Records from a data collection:
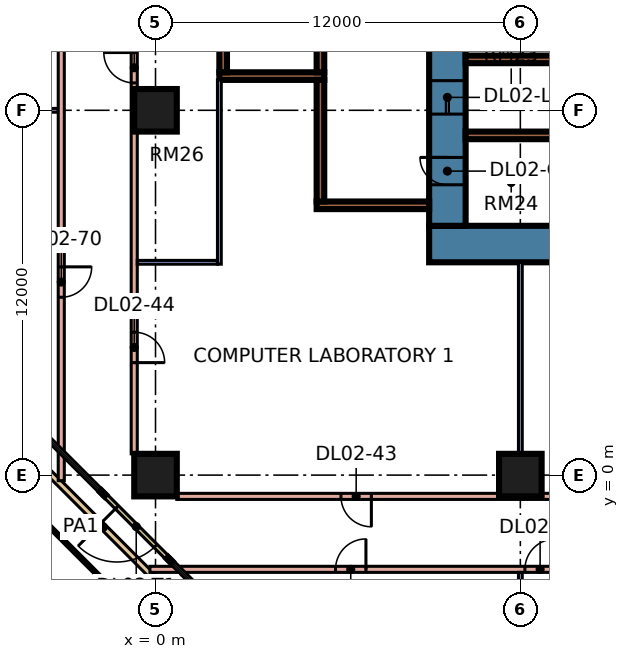
"""IFC4 building model, lengths in metres.
Left out: names, types, materials, properties, quantities, classifications, styles, units other than length and angle.
Written with IfcOpenShell. Run it as: python <this file> out.ifc"""

import sys

from ifc_helpers import new_model, si_unit, direction, frame, frame_2d, origin, origin_2d, place, context, subcontext, project, spatial, rectangle, extrude, element, fill, save


model = new_model("IFC4")
c1 = context("Model", 3, precision=1e-05, world=origin(), true_north=direction((0.0, 1.0)))
c2 = subcontext(c1, "Body", "Model", "MODEL_VIEW")
j1 = project(units=[si_unit("LENGTHUNIT", "METRE"), si_unit("PLANEANGLEUNIT", "RADIAN")], contexts=[c1])
p1 = place(None, origin())
s1 = spatial("IfcSite", under=j1, at=p1, CompositionType="ELEMENT")
p2 = place(p1, origin())
s2 = spatial("IfcBuilding", under=s1, at=p2, CompositionType="ELEMENT")
p3 = place(p2, frame((0.0, 0.0, 12.0)))
s3 = spatial("IfcBuildingStorey", under=s2, at=p3, CompositionType="ELEMENT", Elevation=12.0)
for number, where, z_axis, x_axis in (
    (1, (0.0, 0.0, 0.0), (0.0, 0.0, 1.0), (1.0, 0.0, 0.0)),
    (2, (12.0, 0.0, 0.0), (0.0, 0.0, 1.0), (1.0, 0.0, 0.0)),
    (3, (0.0, 12.0, 0.0), (0.0, 0.0, 1.0), (1.0, 0.0, 0.0)),
):
    element("IfcColumn", number, at=place(p3, frame(where, z_axis=z_axis, x_axis=x_axis)), inside=s3, PredefinedType="COLUMN", context=c2, shape_type="SweptSolid", body=[
        extrude(rectangle(XDim=1.4, YDim=1.4, at=origin_2d()), origin(), (0.0, 0.0, 1.0), 4.8),
    ])
p4 = place(p3, frame((9.0, 7.6, 0.0), z_axis=(0.0, 0.0, 1.0), x_axis=(1.0, 0.0, 0.0)))
e4 = element("IfcWall", 4, at=p4, inside=s3, PredefinedType="SHEAR", context=c2, shape_type="SweptSolid", body=[
    extrude(rectangle(XDim=25.0, YDim=1.2, at=frame_2d((12.5, 0.0))), origin(), (0.0, 0.0, 1.0), 4.8),
])
p5 = place(p3, frame((9.6, 8.2, 0.0), z_axis=(0.0, 0.0, 1.0), x_axis=(0.0, 1.0, 0.0)))
e5 = element("IfcWall", 5, at=p5, inside=s3, PredefinedType="SHEAR", context=c2, shape_type="SweptSolid", body=[
    extrude(rectangle(XDim=10.6, YDim=1.2, at=frame_2d((5.3, 0.0))), origin(), (0.0, 0.0, 1.0), 4.8),
])
p6 = place(p5, frame((3.675, 0.0, 0.0)))
e6 = element("IfcOpeningElement", 6, at=p6, cuts=e5, PredefinedType="OPENING", context=c2, shape_type="SweptSolid", body=[
    extrude(rectangle(XDim=1.1, YDim=2.2, at=frame_2d((0.55, 1.1))), frame((0.0, 0.61, 0.0), z_axis=(0.0, -1.0, 0.0), x_axis=(1.0, 0.0, 0.0)), (0.0, 0.0, 1.0), 1.22),
])
p7 = place(p5, frame((6.175, 0.0, 0.0)))
e7 = element("IfcOpeningElement", 7, at=p7, cuts=e5, PredefinedType="OPENING", context=c2, shape_type="SweptSolid", body=[
    extrude(rectangle(XDim=1.1, YDim=2.2, at=frame_2d((0.55, 1.1))), frame((0.0, 0.61, 0.0), z_axis=(0.0, -1.0, 0.0), x_axis=(1.0, 0.0, 0.0)), (0.0, 0.0, 1.0), 1.22),
])
p8 = place(p5, frame((8.8, 0.0, 0.0)))
e8 = element("IfcOpeningElement", 8, at=p8, cuts=e5, PredefinedType="OPENING", context=c2, shape_type="SweptSolid", body=[
    extrude(rectangle(XDim=1.1, YDim=2.2, at=frame_2d((0.55, 1.1))), frame((0.0, 0.61, 0.0), z_axis=(0.0, -1.0, 0.0), x_axis=(1.0, 0.0, 0.0)), (0.0, 0.0, 1.0), 1.22),
])
p9 = place(p5, frame((1.35, 0.0, 0.0)))
e9 = element("IfcOpeningElement", 9, at=p9, cuts=e5, PredefinedType="OPENING", context=c2, shape_type="SweptSolid", body=[
    extrude(rectangle(XDim=0.9, YDim=2.1, at=frame_2d((0.45, 1.05))), frame((0.0, 0.61, 0.0), z_axis=(0.0, -1.0, 0.0), x_axis=(1.0, 0.0, 0.0)), (0.0, 0.0, 1.0), 1.22),
])
for number, where, z_axis, x_axis in (
    (10, (10.2, 11.175, 0.0), (0.0, 0.0, 1.0), (1.0, 0.0, 0.0)),
    (11, (10.2, 13.675, 0.0), (0.0, 0.0, 1.0), (1.0, 0.0, 0.0)),
):
    element("IfcWall", number, at=place(p3, frame(where, z_axis=z_axis, x_axis=x_axis)), inside=s3, PredefinedType="SHEAR", context=c2, shape_type="SweptSolid", body=[
        extrude(rectangle(XDim=3.0, YDim=0.25, at=frame_2d((1.5, 0.0))), origin(), (0.0, 0.0, 1.0), 4.8),
    ])
p10 = place(p3, frame((2.1, 13.125, 0.0), z_axis=(0.0, 0.0, 1.0), x_axis=(1.0, 0.0, 0.0)))
e12 = element("IfcWall", 12, at=p10, inside=s3, PredefinedType="SHEAR", context=c2, shape_type="SweptSolid", body=[
    extrude(rectangle(XDim=3.45, YDim=0.25, at=frame_2d((1.725, 0.0))), origin(), (0.0, 0.0, 1.0), 4.8),
])
p11 = place(p3, frame((2.225, 13.25, 0.0), z_axis=(0.0, 0.0, 1.0), x_axis=(0.0, 1.0, 0.0)))
e13 = element("IfcWall", 13, at=p11, inside=s3, PredefinedType="SHEAR", context=c2, shape_type="SweptSolid", body=[
    extrude(rectangle(XDim=6.5, YDim=0.25, at=frame_2d((3.25, 0.0))), origin(), (0.0, 0.0, 1.0), 4.8),
])
p12 = place(p3, frame((5.425, 13.25, 0.0), z_axis=(0.0, 0.0, 1.0), x_axis=(0.0, 1.0, 0.0)))
e14 = element("IfcWall", 14, at=p12, inside=s3, PredefinedType="SHEAR", context=c2, shape_type="SweptSolid", body=[
    extrude(rectangle(XDim=6.5, YDim=0.25, at=frame_2d((3.25, 0.0))), origin(), (0.0, 0.0, 1.0), 4.8),
])
p13 = place(p12, frame((5.25, 0.0, 0.0)))
e15 = element("IfcOpeningElement", 15, at=p13, cuts=e14, PredefinedType="OPENING", context=c2, shape_type="SweptSolid", body=[
    extrude(rectangle(XDim=1.1, YDim=2.2, at=frame_2d((0.55, 1.1))), frame((0.0, 0.135, 0.0), z_axis=(0.0, -1.0, 0.0), x_axis=(1.0, 0.0, 0.0)), (0.0, 0.0, 1.0), 0.27),
])
p14 = place(p3, frame((5.3, 8.875, 0.0), z_axis=(0.0, 0.0, 1.0), x_axis=(1.0, 0.0, 0.0)))
e16 = element("IfcWall", 16, at=p14, inside=s3, PredefinedType="SHEAR", context=c2, shape_type="SweptSolid", body=[
    extrude(rectangle(XDim=3.7, YDim=0.25, at=frame_2d((1.85, 0.0))), origin(), (0.0, 0.0, 1.0), 4.8),
])
p15 = place(p3, frame((5.425, 9.0, 0.0), z_axis=(0.0, 0.0, 1.0), x_axis=(0.0, 1.0, 0.0)))
e17 = element("IfcWall", 17, at=p15, inside=s3, PredefinedType="SHEAR", context=c2, shape_type="SweptSolid", body=[
    extrude(rectangle(XDim=4.0, YDim=0.25, at=frame_2d((2.0, 0.0))), origin(), (0.0, 0.0, 1.0), 4.8),
])
p16 = place(p3, frame((-1.695, -0.634, 0.0), z_axis=(0.0, 0.0, 1.0), x_axis=(0.707106781187, -0.707106781187, 0.0)))
e18 = element("IfcWall", 18, at=p16, inside=s3, PredefinedType="SOLIDWALL", context=c2, shape_type="SweptSolid", body=[
    extrude(rectangle(XDim=3.0, YDim=0.15, at=frame_2d((1.5, 0.0))), origin(), (0.0, 0.0, 1.0), 4.4),
])
p17 = place(p16, frame((0.6, 0.0, 0.0)))
e19 = element("IfcOpeningElement", 19, at=p17, cuts=e18, PredefinedType="OPENING", context=c2, shape_type="SweptSolid", body=[
    extrude(rectangle(XDim=1.8, YDim=2.4, at=frame_2d((0.9, 1.2))), frame((0.0, 0.085, 0.0), z_axis=(0.0, -1.0, 0.0), x_axis=(1.0, 0.0, 0.0)), (0.0, 0.0, 1.0), 0.17),
])
p18 = place(p3, frame((8.275, -11.7, 0.0), z_axis=(0.0, 0.0, 1.0), x_axis=(-0.707106781187, 0.707106781187, 0.0)))
e20 = element("IfcWall", 20, at=p18, inside=s3, PredefinedType="PARAPET", context=c2, shape_type="SweptSolid", body=[
    extrude(rectangle(XDim=28.249, YDim=0.2, at=frame_2d((14.125, 0.0))), origin(), (0.0, 0.0, 1.0), 0.5),
])
p19 = place(p3, frame((-11.6, 12.0, 0.0), z_axis=(0.0, 0.0, 1.0), x_axis=(1.0, 0.0, 0.0)))
e21 = element("IfcWall", 21, at=p19, inside=s3, PredefinedType="PARTITIONING", context=c2, shape_type="SweptSolid", body=[
    extrude(rectangle(XDim=8.4, YDim=0.125, at=frame_2d((4.2, 0.0))), origin(), (0.0, 0.0, 1.0), 4.4),
])
p20 = place(p3, frame((-3.1, -0.184, 0.0), z_axis=(0.0, 0.0, 1.0), x_axis=(0.0, 1.0, 0.0)))
e22 = element("IfcWall", 22, at=p20, inside=s3, PredefinedType="PARTITIONING", context=c2, shape_type="SweptSolid", body=[
    extrude(rectangle(XDim=66.284, YDim=0.2, at=frame_2d((33.142, 0.0))), origin(), (0.0, 0.0, 1.0), 4.4),
])
p21 = place(p20, frame((6.034, 0.0, 0.0)))
e23 = element("IfcOpeningElement", 23, at=p21, cuts=e22, PredefinedType="OPENING", context=c2, shape_type="SweptSolid", body=[
    extrude(rectangle(XDim=1.0, YDim=2.1, at=frame_2d((0.5, 1.05))), frame((0.0, 0.11, 0.0), z_axis=(0.0, -1.0, 0.0), x_axis=(1.0, 0.0, 0.0)), (0.0, 0.0, 1.0), 0.22),
])
p22 = place(p20, frame((17.784, 0.0, 0.0)))
e24 = element("IfcOpeningElement", 24, at=p22, cuts=e22, PredefinedType="OPENING", context=c2, shape_type="SweptSolid", body=[
    extrude(rectangle(XDim=1.0, YDim=2.1, at=frame_2d((0.5, 1.05))), frame((0.0, 0.11, 0.0), z_axis=(0.0, -1.0, 0.0), x_axis=(1.0, 0.0, 0.0)), (0.0, 0.0, 1.0), 0.22),
])
p23 = place(p20, frame((23.034, 0.0, 0.0)))
e25 = element("IfcOpeningElement", 25, at=p23, cuts=e22, PredefinedType="OPENING", context=c2, shape_type="SweptSolid", body=[
    extrude(rectangle(XDim=1.0, YDim=2.1, at=frame_2d((0.5, 1.05))), frame((0.0, 0.11, 0.0), z_axis=(0.0, -1.0, 0.0), x_axis=(1.0, 0.0, 0.0)), (0.0, 0.0, 1.0), 0.22),
])
p24 = place(p20, frame((29.784, 0.0, 0.0)))
e26 = element("IfcOpeningElement", 26, at=p24, cuts=e22, PredefinedType="OPENING", context=c2, shape_type="SweptSolid", body=[
    extrude(rectangle(XDim=1.0, YDim=2.1, at=frame_2d((0.5, 1.05))), frame((0.0, 0.11, 0.0), z_axis=(0.0, -1.0, 0.0), x_axis=(1.0, 0.0, 0.0)), (0.0, 0.0, 1.0), 0.22),
])
p25 = place(p20, frame((35.034, 0.0, 0.0)))
e27 = element("IfcOpeningElement", 27, at=p25, cuts=e22, PredefinedType="OPENING", context=c2, shape_type="SweptSolid", body=[
    extrude(rectangle(XDim=1.0, YDim=2.1, at=frame_2d((0.5, 1.05))), frame((0.0, 0.11, 0.0), z_axis=(0.0, -1.0, 0.0), x_axis=(1.0, 0.0, 0.0)), (0.0, 0.0, 1.0), 0.22),
])
p26 = place(p20, frame((40.284, 0.0, 0.0)))
e28 = element("IfcOpeningElement", 28, at=p26, cuts=e22, PredefinedType="OPENING", context=c2, shape_type="SweptSolid", body=[
    extrude(rectangle(XDim=1.0, YDim=2.1, at=frame_2d((0.5, 1.05))), frame((0.0, 0.11, 0.0), z_axis=(0.0, -1.0, 0.0), x_axis=(1.0, 0.0, 0.0)), (0.0, 0.0, 1.0), 0.22),
])
p27 = place(p20, frame((49.284, 0.0, 0.0)))
e29 = element("IfcOpeningElement", 29, at=p27, cuts=e22, PredefinedType="OPENING", context=c2, shape_type="SweptSolid", body=[
    extrude(rectangle(XDim=1.0, YDim=2.1, at=frame_2d((0.5, 1.05))), frame((0.0, 0.11, 0.0), z_axis=(0.0, -1.0, 0.0), x_axis=(1.0, 0.0, 0.0)), (0.0, 0.0, 1.0), 0.22),
])
p28 = place(p20, frame((58.284, 0.0, 0.0)))
e30 = element("IfcOpeningElement", 30, at=p28, cuts=e22, PredefinedType="OPENING", context=c2, shape_type="SweptSolid", body=[
    extrude(rectangle(XDim=1.0, YDim=2.1, at=frame_2d((0.5, 1.05))), frame((0.0, 0.11, 0.0), z_axis=(0.0, -1.0, 0.0), x_axis=(1.0, 0.0, 0.0)), (0.0, 0.0, 1.0), 0.22),
])
p29 = place(p20, frame((64.134, 0.0, 0.0)))
e31 = element("IfcOpeningElement", 31, at=p29, cuts=e22, PredefinedType="OPENING", context=c2, shape_type="SweptSolid", body=[
    extrude(rectangle(XDim=1.0, YDim=2.1, at=frame_2d((0.5, 1.05))), frame((0.0, 0.11, 0.0), z_axis=(0.0, -1.0, 0.0), x_axis=(1.0, 0.0, 0.0)), (0.0, 0.0, 1.0), 0.22),
])
p30 = place(p3, frame((-0.7, 0.7, 0.0), z_axis=(0.0, 0.0, 1.0), x_axis=(0.0, 1.0, 0.0)))
e32 = element("IfcWall", 32, at=p30, inside=s3, PredefinedType="PARTITIONING", context=c2, shape_type="SweptSolid", body=[
    extrude(rectangle(XDim=22.3, YDim=0.2, at=frame_2d((11.15, 0.0))), origin(), (0.0, 0.0, 1.0), 4.4),
])
p31 = place(p30, frame((19.95, 0.0, 0.0)))
e33 = element("IfcOpeningElement", 33, at=p31, cuts=e32, PredefinedType="OPENING", context=c2, shape_type="SweptSolid", body=[
    extrude(rectangle(XDim=1.8, YDim=2.1, at=frame_2d((0.9, 1.05))), frame((0.0, 0.11, 0.0), z_axis=(0.0, -1.0, 0.0), x_axis=(1.0, 0.0, 0.0)), (0.0, 0.0, 1.0), 0.22),
])
p32 = place(p30, frame((12.2, 0.0, 0.0)))
e34 = element("IfcOpeningElement", 34, at=p32, cuts=e32, PredefinedType="OPENING", context=c2, shape_type="SweptSolid", body=[
    extrude(rectangle(XDim=1.0, YDim=2.1, at=frame_2d((0.5, 1.05))), frame((0.0, 0.11, 0.0), z_axis=(0.0, -1.0, 0.0), x_axis=(1.0, 0.0, 0.0)), (0.0, 0.0, 1.0), 0.22),
])
p33 = place(p30, frame((3.0, 0.0, 0.0)))
e35 = element("IfcOpeningElement", 35, at=p33, cuts=e32, PredefinedType="OPENING", context=c2, shape_type="SweptSolid", body=[
    extrude(rectangle(XDim=1.0, YDim=2.1, at=frame_2d((0.5, 1.05))), frame((0.0, 0.11, 0.0), z_axis=(0.0, -1.0, 0.0), x_axis=(1.0, 0.0, 0.0)), (0.0, 0.0, 1.0), 0.22),
])
p34 = place(p3, frame((-0.6, 7.0, 0.0), z_axis=(0.0, 0.0, 1.0), x_axis=(1.0, 0.0, 0.0)))
e36 = element("IfcWall", 36, at=p34, inside=s3, PredefinedType="PARTITIONING", context=c2, shape_type="SweptSolid", body=[
    extrude(rectangle(XDim=2.638, YDim=0.125, at=frame_2d((1.319, 0.0))), origin(), (0.0, 0.0, 1.0), 4.4),
])
p35 = place(p3, frame((-0.184, -3.1, 0.0), z_axis=(0.0, 0.0, 1.0), x_axis=(1.0, 0.0, 0.0)))
e37 = element("IfcWall", 37, at=p35, inside=s3, PredefinedType="PARTITIONING", context=c2, shape_type="SweptSolid", body=[
    extrude(rectangle(XDim=75.284, YDim=0.2, at=frame_2d((37.642, 0.0))), origin(), (0.0, 0.0, 1.0), 4.4),
])
p36 = place(p35, frame((6.105, 0.0, 0.0)))
e38 = element("IfcOpeningElement", 38, at=p36, cuts=e37, PredefinedType="OPENING", context=c2, shape_type="SweptSolid", body=[
    extrude(rectangle(XDim=1.0, YDim=2.1, at=frame_2d((0.5, 1.05))), frame((0.0, 0.11, 0.0), z_axis=(0.0, -1.0, 0.0), x_axis=(1.0, 0.0, 0.0)), (0.0, 0.0, 1.0), 0.22),
])
p37 = place(p35, frame((17.584, 0.0, 0.0)))
e39 = element("IfcOpeningElement", 39, at=p37, cuts=e37, PredefinedType="OPENING", context=c2, shape_type="SweptSolid", body=[
    extrude(rectangle(XDim=1.0, YDim=2.1, at=frame_2d((0.5, 1.05))), frame((0.0, 0.11, 0.0), z_axis=(0.0, -1.0, 0.0), x_axis=(1.0, 0.0, 0.0)), (0.0, 0.0, 1.0), 0.22),
])
p38 = place(p35, frame((12.334, 0.0, 0.0)))
e40 = element("IfcOpeningElement", 40, at=p38, cuts=e37, PredefinedType="OPENING", context=c2, shape_type="SweptSolid", body=[
    extrude(rectangle(XDim=1.0, YDim=2.1, at=frame_2d((0.5, 1.05))), frame((0.0, 0.11, 0.0), z_axis=(0.0, -1.0, 0.0), x_axis=(1.0, 0.0, 0.0)), (0.0, 0.0, 1.0), 0.22),
])
p39 = place(p35, frame((29.584, 0.0, 0.0)))
e41 = element("IfcOpeningElement", 41, at=p39, cuts=e37, PredefinedType="OPENING", context=c2, shape_type="SweptSolid", body=[
    extrude(rectangle(XDim=1.0, YDim=2.1, at=frame_2d((0.5, 1.05))), frame((0.0, 0.11, 0.0), z_axis=(0.0, -1.0, 0.0), x_axis=(1.0, 0.0, 0.0)), (0.0, 0.0, 1.0), 0.22),
])
p40 = place(p35, frame((24.334, 0.0, 0.0)))
e42 = element("IfcOpeningElement", 42, at=p40, cuts=e37, PredefinedType="OPENING", context=c2, shape_type="SweptSolid", body=[
    extrude(rectangle(XDim=1.0, YDim=2.1, at=frame_2d((0.5, 1.05))), frame((0.0, 0.11, 0.0), z_axis=(0.0, -1.0, 0.0), x_axis=(1.0, 0.0, 0.0)), (0.0, 0.0, 1.0), 0.22),
])
p41 = place(p35, frame((40.084, 0.0, 0.0)))
e43 = element("IfcOpeningElement", 43, at=p41, cuts=e37, PredefinedType="OPENING", context=c2, shape_type="SweptSolid", body=[
    extrude(rectangle(XDim=1.0, YDim=2.1, at=frame_2d((0.5, 1.05))), frame((0.0, 0.11, 0.0), z_axis=(0.0, -1.0, 0.0), x_axis=(1.0, 0.0, 0.0)), (0.0, 0.0, 1.0), 0.22),
])
p42 = place(p35, frame((49.084, 0.0, 0.0)))
e44 = element("IfcOpeningElement", 44, at=p42, cuts=e37, PredefinedType="OPENING", context=c2, shape_type="SweptSolid", body=[
    extrude(rectangle(XDim=1.0, YDim=2.1, at=frame_2d((0.5, 1.05))), frame((0.0, 0.11, 0.0), z_axis=(0.0, -1.0, 0.0), x_axis=(1.0, 0.0, 0.0)), (0.0, 0.0, 1.0), 0.22),
])
p43 = place(p35, frame((58.084, 0.0, 0.0)))
e45 = element("IfcOpeningElement", 45, at=p43, cuts=e37, PredefinedType="OPENING", context=c2, shape_type="SweptSolid", body=[
    extrude(rectangle(XDim=1.0, YDim=2.1, at=frame_2d((0.5, 1.05))), frame((0.0, 0.11, 0.0), z_axis=(0.0, -1.0, 0.0), x_axis=(1.0, 0.0, 0.0)), (0.0, 0.0, 1.0), 0.22),
])
p44 = place(p35, frame((67.084, 0.0, 0.0)))
e46 = element("IfcOpeningElement", 46, at=p44, cuts=e37, PredefinedType="OPENING", context=c2, shape_type="SweptSolid", body=[
    extrude(rectangle(XDim=1.0, YDim=2.1, at=frame_2d((0.5, 1.05))), frame((0.0, 0.11, 0.0), z_axis=(0.0, -1.0, 0.0), x_axis=(1.0, 0.0, 0.0)), (0.0, 0.0, 1.0), 0.22),
])
p45 = place(p35, frame((73.334, 0.0, 0.0)))
e47 = element("IfcOpeningElement", 47, at=p45, cuts=e37, PredefinedType="OPENING", context=c2, shape_type="SweptSolid", body=[
    extrude(rectangle(XDim=1.0, YDim=2.1, at=frame_2d((0.5, 1.05))), frame((0.0, 0.11, 0.0), z_axis=(0.0, -1.0, 0.0), x_axis=(1.0, 0.0, 0.0)), (0.0, 0.0, 1.0), 0.22),
])
p46 = place(p3, frame((0.7, -0.7, 0.0), z_axis=(0.0, 0.0, 1.0), x_axis=(1.0, 0.0, 0.0)))
e48 = element("IfcWall", 48, at=p46, inside=s3, PredefinedType="PARTITIONING", context=c2, shape_type="SweptSolid", body=[
    extrude(rectangle(XDim=44.3, YDim=0.2, at=frame_2d((22.15, 0.0))), origin(), (0.0, 0.0, 1.0), 4.4),
])
p47 = place(p46, frame((39.4, 0.0, 0.0)))
e49 = element("IfcOpeningElement", 49, at=p47, cuts=e48, PredefinedType="OPENING", context=c2, shape_type="SweptSolid", body=[
    extrude(rectangle(XDim=1.0, YDim=2.1, at=frame_2d((0.5, 1.05))), frame((0.0, 0.11, 0.0), z_axis=(0.0, -1.0, 0.0), x_axis=(1.0, 0.0, 0.0)), (0.0, 0.0, 1.0), 0.22),
])
p48 = place(p46, frame((5.4, 0.0, 0.0)))
e50 = element("IfcOpeningElement", 50, at=p48, cuts=e48, PredefinedType="OPENING", context=c2, shape_type="SweptSolid", body=[
    extrude(rectangle(XDim=1.0, YDim=2.1, at=frame_2d((0.5, 1.05))), frame((0.0, 0.11, 0.0), z_axis=(0.0, -1.0, 0.0), x_axis=(1.0, 0.0, 0.0)), (0.0, 0.0, 1.0), 0.22),
])
p49 = place(p46, frame((16.9, 0.0, 0.0)))
e51 = element("IfcOpeningElement", 51, at=p49, cuts=e48, PredefinedType="OPENING", context=c2, shape_type="SweptSolid", body=[
    extrude(rectangle(XDim=1.0, YDim=2.1, at=frame_2d((0.5, 1.05))), frame((0.0, 0.11, 0.0), z_axis=(0.0, -1.0, 0.0), x_axis=(1.0, 0.0, 0.0)), (0.0, 0.0, 1.0), 0.22),
])
p50 = place(p46, frame((28.9, 0.0, 0.0)))
e52 = element("IfcOpeningElement", 52, at=p50, cuts=e48, PredefinedType="OPENING", context=c2, shape_type="SweptSolid", body=[
    extrude(rectangle(XDim=1.0, YDim=2.1, at=frame_2d((0.5, 1.05))), frame((0.0, 0.11, 0.0), z_axis=(0.0, -1.0, 0.0), x_axis=(1.0, 0.0, 0.0)), (0.0, 0.0, 1.0), 0.22),
])
p51 = place(p3, frame((2.1, 6.938, 0.0), z_axis=(0.0, 0.0, 1.0), x_axis=(0.0, 1.0, 0.0)))
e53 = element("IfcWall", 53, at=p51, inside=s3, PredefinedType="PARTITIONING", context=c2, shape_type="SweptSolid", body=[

* [WORK INSTRUCTIONS]: In the entries above, find each line with the word "subcontext" and copy it.

* [ANSWER FOR THIS EXERCISE]:
from ifc_helpers import new_model, si_unit, direction, frame, frame_2d, origin, origin_2d, place, context, subcontext, project, spatial, rectangle, extrude, element, fill, save
c2 = subcontext(c1, "Body", "Model", "MODEL_VIEW")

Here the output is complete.